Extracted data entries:
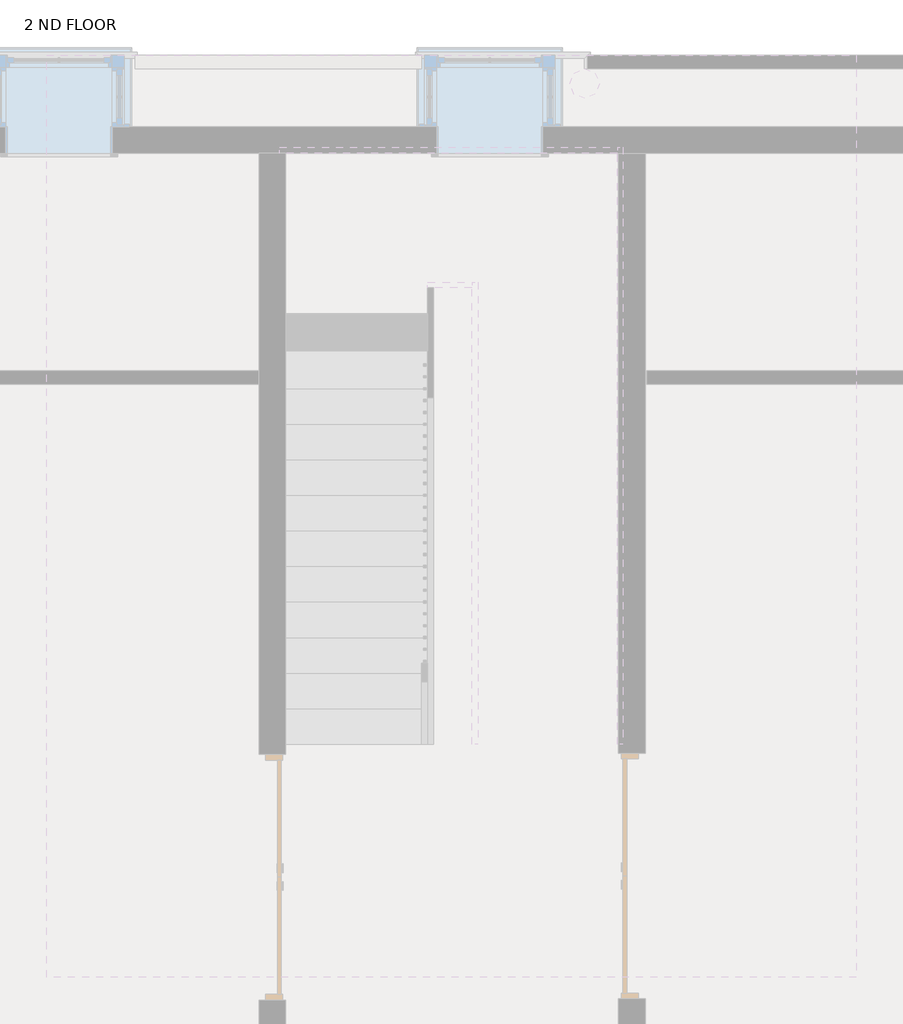
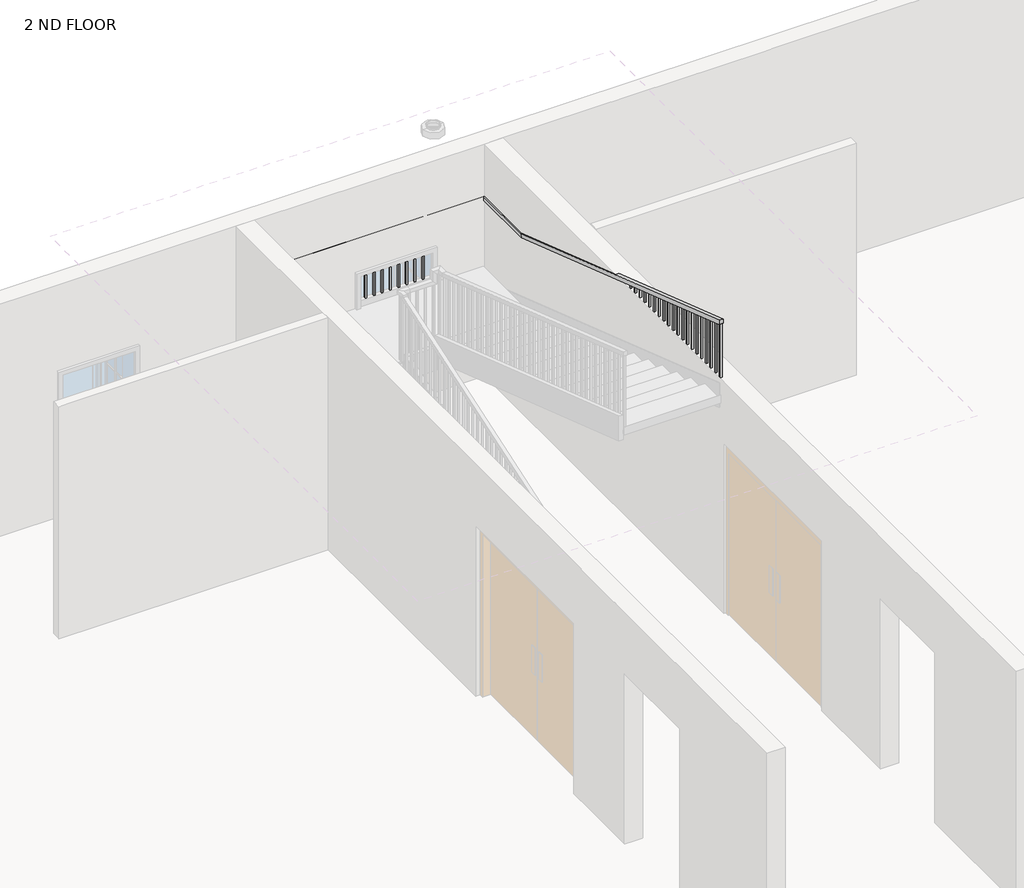
# One storey, part 5 of 7: 1 railing.
"""IFC4 building model written with IfcOpenShell, lengths in millimetres."""

from ifc_helpers import new_model, si_unit, frame, origin, place, context, project, spatial, polyline, outline, extrude, faceted_brep, element, save

model = new_model("IFC4")

# Units and contexts
model_context = context("Model", 3, world=origin())
ifc_project = project(units=[si_unit("LENGTHUNIT", "METRE", prefix="MILLI")], contexts=[model_context])

# Site, building, storey
site = spatial("IfcSite", under=ifc_project)
building = spatial("IfcBuilding", under=site)
storey = spatial("IfcBuildingStorey", under=building, Name="2 ND FLOOR", Elevation=6400.8)

# Railing
placement = place(None, origin())
element("IfcRailing", 1, ObjectType="Handrail - Rectangular", at=placement, inside=storey, context=model_context, shape_type="SolidModel", body=[
    faceted_brep([(-1899.5987998, 2564.5067329, 7418.6142857), (-1899.5987998, 2564.5067329, 7364.9699957), (-1848.7987998, 2564.5067329, 7364.9699957), (-1848.7987998, 2564.5067329, 7418.6142857), (-1899.5987998, 6526.9067329, 8763.0), (-1899.5987998, 6535.2899033, 8712.2), (-1848.7987998, 6535.2899033, 8712.2), (-1848.7987998, 6526.9067329, 8763.0), (-1899.5987998, 7682.6067329, 8712.2), (-1899.5987998, 7682.6067329, 8763.0), (1046.8012002, 7682.6067329, 8763.0), (1046.8012002, 7682.6067329, 8712.2), (-1848.7987998, 7631.8067329, 8712.2), (996.0012002, 7631.8067329, 8712.2), (-1848.7987998, 7631.8067329, 8763.0), (996.0012002, 7631.8067329, 8763.0), (1046.8012002, 6831.7067329, 8763.0), (1046.8012002, 6823.3235624, 8712.2), (996.0012002, 6823.3235624, 8712.2), (996.0012002, 6831.7067329, 8763.0), (1046.8012002, 2564.5067329, 10210.8), (996.0012002, 2564.5067329, 10210.8), (996.0012002, 2564.5067329, 10157.15571), (1046.8012002, 2564.5067329, 10157.15571)], [[[0, 1, 2, 3]], [[1, 0, 4, 5]], [[2, 1, 5, 6]], [[3, 2, 6, 7]], [[0, 3, 7, 4]], [[8, 9, 10, 11]], [[12, 8, 11, 13]], [[14, 12, 13, 15]], [[9, 14, 15, 10]], [[11, 10, 16, 17]], [[13, 11, 17, 18]], [[15, 13, 18, 19]], [[10, 15, 19, 16]], [[5, 4, 9, 8]], [[6, 5, 8, 12]], [[7, 6, 12, 14]], [[4, 7, 14, 9]], [[20, 21, 22, 23]], [[17, 16, 20, 23]], [[18, 17, 23, 22]], [[19, 18, 22, 21]], [[16, 19, 21, 20]]]),
    extrude(outline(polyline([(2586.7317329, 10149.615085), (2586.7317329, 9378.6831452), (2567.6817329, 9385.1465381), (2567.6817329, 10156.0784779), (2586.7317329, 10149.615085)])), frame((1011.8762002, 0.0, 0.0), z_axis=(1.0, 0.0, 0.0), x_axis=(0.0, 1.0, 0.0)), (0.0, 0.0, 1.0), 19.05),
    extrude(outline(polyline([(2688.3317329, 10115.1436565), (2688.3317329, 9344.2117167), (2669.2817329, 9350.6751095), (2669.2817329, 10121.6070493), (2688.3317329, 10115.1436565)])), frame((1011.8762002, 0.0, 0.0), z_axis=(1.0, 0.0, 0.0), x_axis=(0.0, 1.0, 0.0)), (0.0, 0.0, 1.0), 19.05),
    extrude(outline(polyline([(2789.9317329, 10080.6722279), (2789.9317329, 9309.7402881), (2770.8817329, 9316.203681), (2770.8817329, 10087.1356207), (2789.9317329, 10080.6722279)])), frame((1011.8762002, 0.0, 0.0), z_axis=(1.0, 0.0, 0.0), x_axis=(0.0, 1.0, 0.0)), (0.0, 0.0, 1.0), 19.05),
    extrude(outline(polyline([(2891.5317329, 10046.2007993), (2891.5317329, 9275.2688595), (2872.4817329, 9281.7322524), (2872.4817329, 10052.6641922), (2891.5317329, 10046.2007993)])), frame((1011.8762002, 0.0, 0.0), z_axis=(1.0, 0.0, 0.0), x_axis=(0.0, 1.0, 0.0)), (0.0, 0.0, 1.0), 19.05),
    extrude(outline(polyline([(2993.1317329, 10011.7293707), (2993.1317329, 9240.797431), (2974.0817329, 9247.2608238), (2974.0817329, 10018.1927636), (2993.1317329, 10011.7293707)])), frame((1011.8762002, 0.0, 0.0), z_axis=(1.0, 0.0, 0.0), x_axis=(0.0, 1.0, 0.0)), (0.0, 0.0, 1.0), 19.05),
    extrude(outline(polyline([(3094.7317329, 9977.2579422), (3094.7317329, 9206.3260024), (3075.6817329, 9212.7893952), (3075.6817329, 9983.721335), (3094.7317329, 9977.2579422)])), frame((1011.8762002, 0.0, 0.0), z_axis=(1.0, 0.0, 0.0), x_axis=(0.0, 1.0, 0.0)), (0.0, 0.0, 1.0), 19.05),
    extrude(outline(polyline([(3196.3317329, 9942.7865136), (3196.3317329, 9171.8545738), (3177.2817329, 9178.3179667), (3177.2817329, 9949.2499065), (3196.3317329, 9942.7865136)])), frame((1011.8762002, 0.0, 0.0), z_axis=(1.0, 0.0, 0.0), x_axis=(0.0, 1.0, 0.0)), (0.0, 0.0, 1.0), 19.05),
    extrude(outline(polyline([(3297.9317329, 9908.315085), (3297.9317329, 9137.3831452), (3278.8817329, 9143.8465381), (3278.8817329, 9914.7784779), (3297.9317329, 9908.315085)])), frame((1011.8762002, 0.0, 0.0), z_axis=(1.0, 0.0, 0.0), x_axis=(0.0, 1.0, 0.0)), (0.0, 0.0, 1.0), 19.05),
    extrude(outline(polyline([(3399.5317329, 9873.8436565), (3399.5317329, 9102.9117167), (3380.4817329, 9109.3751095), (3380.4817329, 9880.3070493), (3399.5317329, 9873.8436565)])), frame((1011.8762002, 0.0, 0.0), z_axis=(1.0, 0.0, 0.0), x_axis=(0.0, 1.0, 0.0)), (0.0, 0.0, 1.0), 19.05),
    extrude(outline(polyline([(3501.1317329, 9839.3722279), (3501.1317329, 9068.4402881), (3482.0817329, 9074.903681), (3482.0817329, 9845.8356207), (3501.1317329, 9839.3722279)])), frame((1011.8762002, 0.0, 0.0), z_axis=(1.0, 0.0, 0.0), x_axis=(0.0, 1.0, 0.0)), (0.0, 0.0, 1.0), 19.05),
    extrude(outline(polyline([(3602.7317329, 9804.9007993), (3602.7317329, 9033.9688595), (3583.6817329, 9040.4322524), (3583.6817329, 9811.3641922), (3602.7317329, 9804.9007993)])), frame((1011.8762002, 0.0, 0.0), z_axis=(1.0, 0.0, 0.0), x_axis=(0.0, 1.0, 0.0)), (0.0, 0.0, 1.0), 19.05),
    extrude(outline(polyline([(3704.3317329, 9770.4293707), (3704.3317329, 8999.497431), (3685.2817329, 9005.9608238), (3685.2817329, 9776.8927636), (3704.3317329, 9770.4293707)])), frame((1011.8762002, 0.0, 0.0), z_axis=(1.0, 0.0, 0.0), x_axis=(0.0, 1.0, 0.0)), (0.0, 0.0, 1.0), 19.05),
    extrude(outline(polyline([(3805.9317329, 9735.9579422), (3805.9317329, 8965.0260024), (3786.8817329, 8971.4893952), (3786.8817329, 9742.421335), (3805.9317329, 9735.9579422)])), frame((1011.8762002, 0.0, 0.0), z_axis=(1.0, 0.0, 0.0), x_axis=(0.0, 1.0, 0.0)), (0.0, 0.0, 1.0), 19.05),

What you should do:
Above are the entries. Quote exactly the lines from the one bearing "# Site, building, storey" through the one bearing "placement = place(None, origin())".

Result of the exercise:
# Site, building, storey
site = spatial("IfcSite", under=ifc_project)
building = spatial("IfcBuilding", under=site)
storey = spatial("IfcBuildingStorey", under=building, Name="2 ND FLOOR", Elevation=6400.8)

# Railing
placement = place(None, origin())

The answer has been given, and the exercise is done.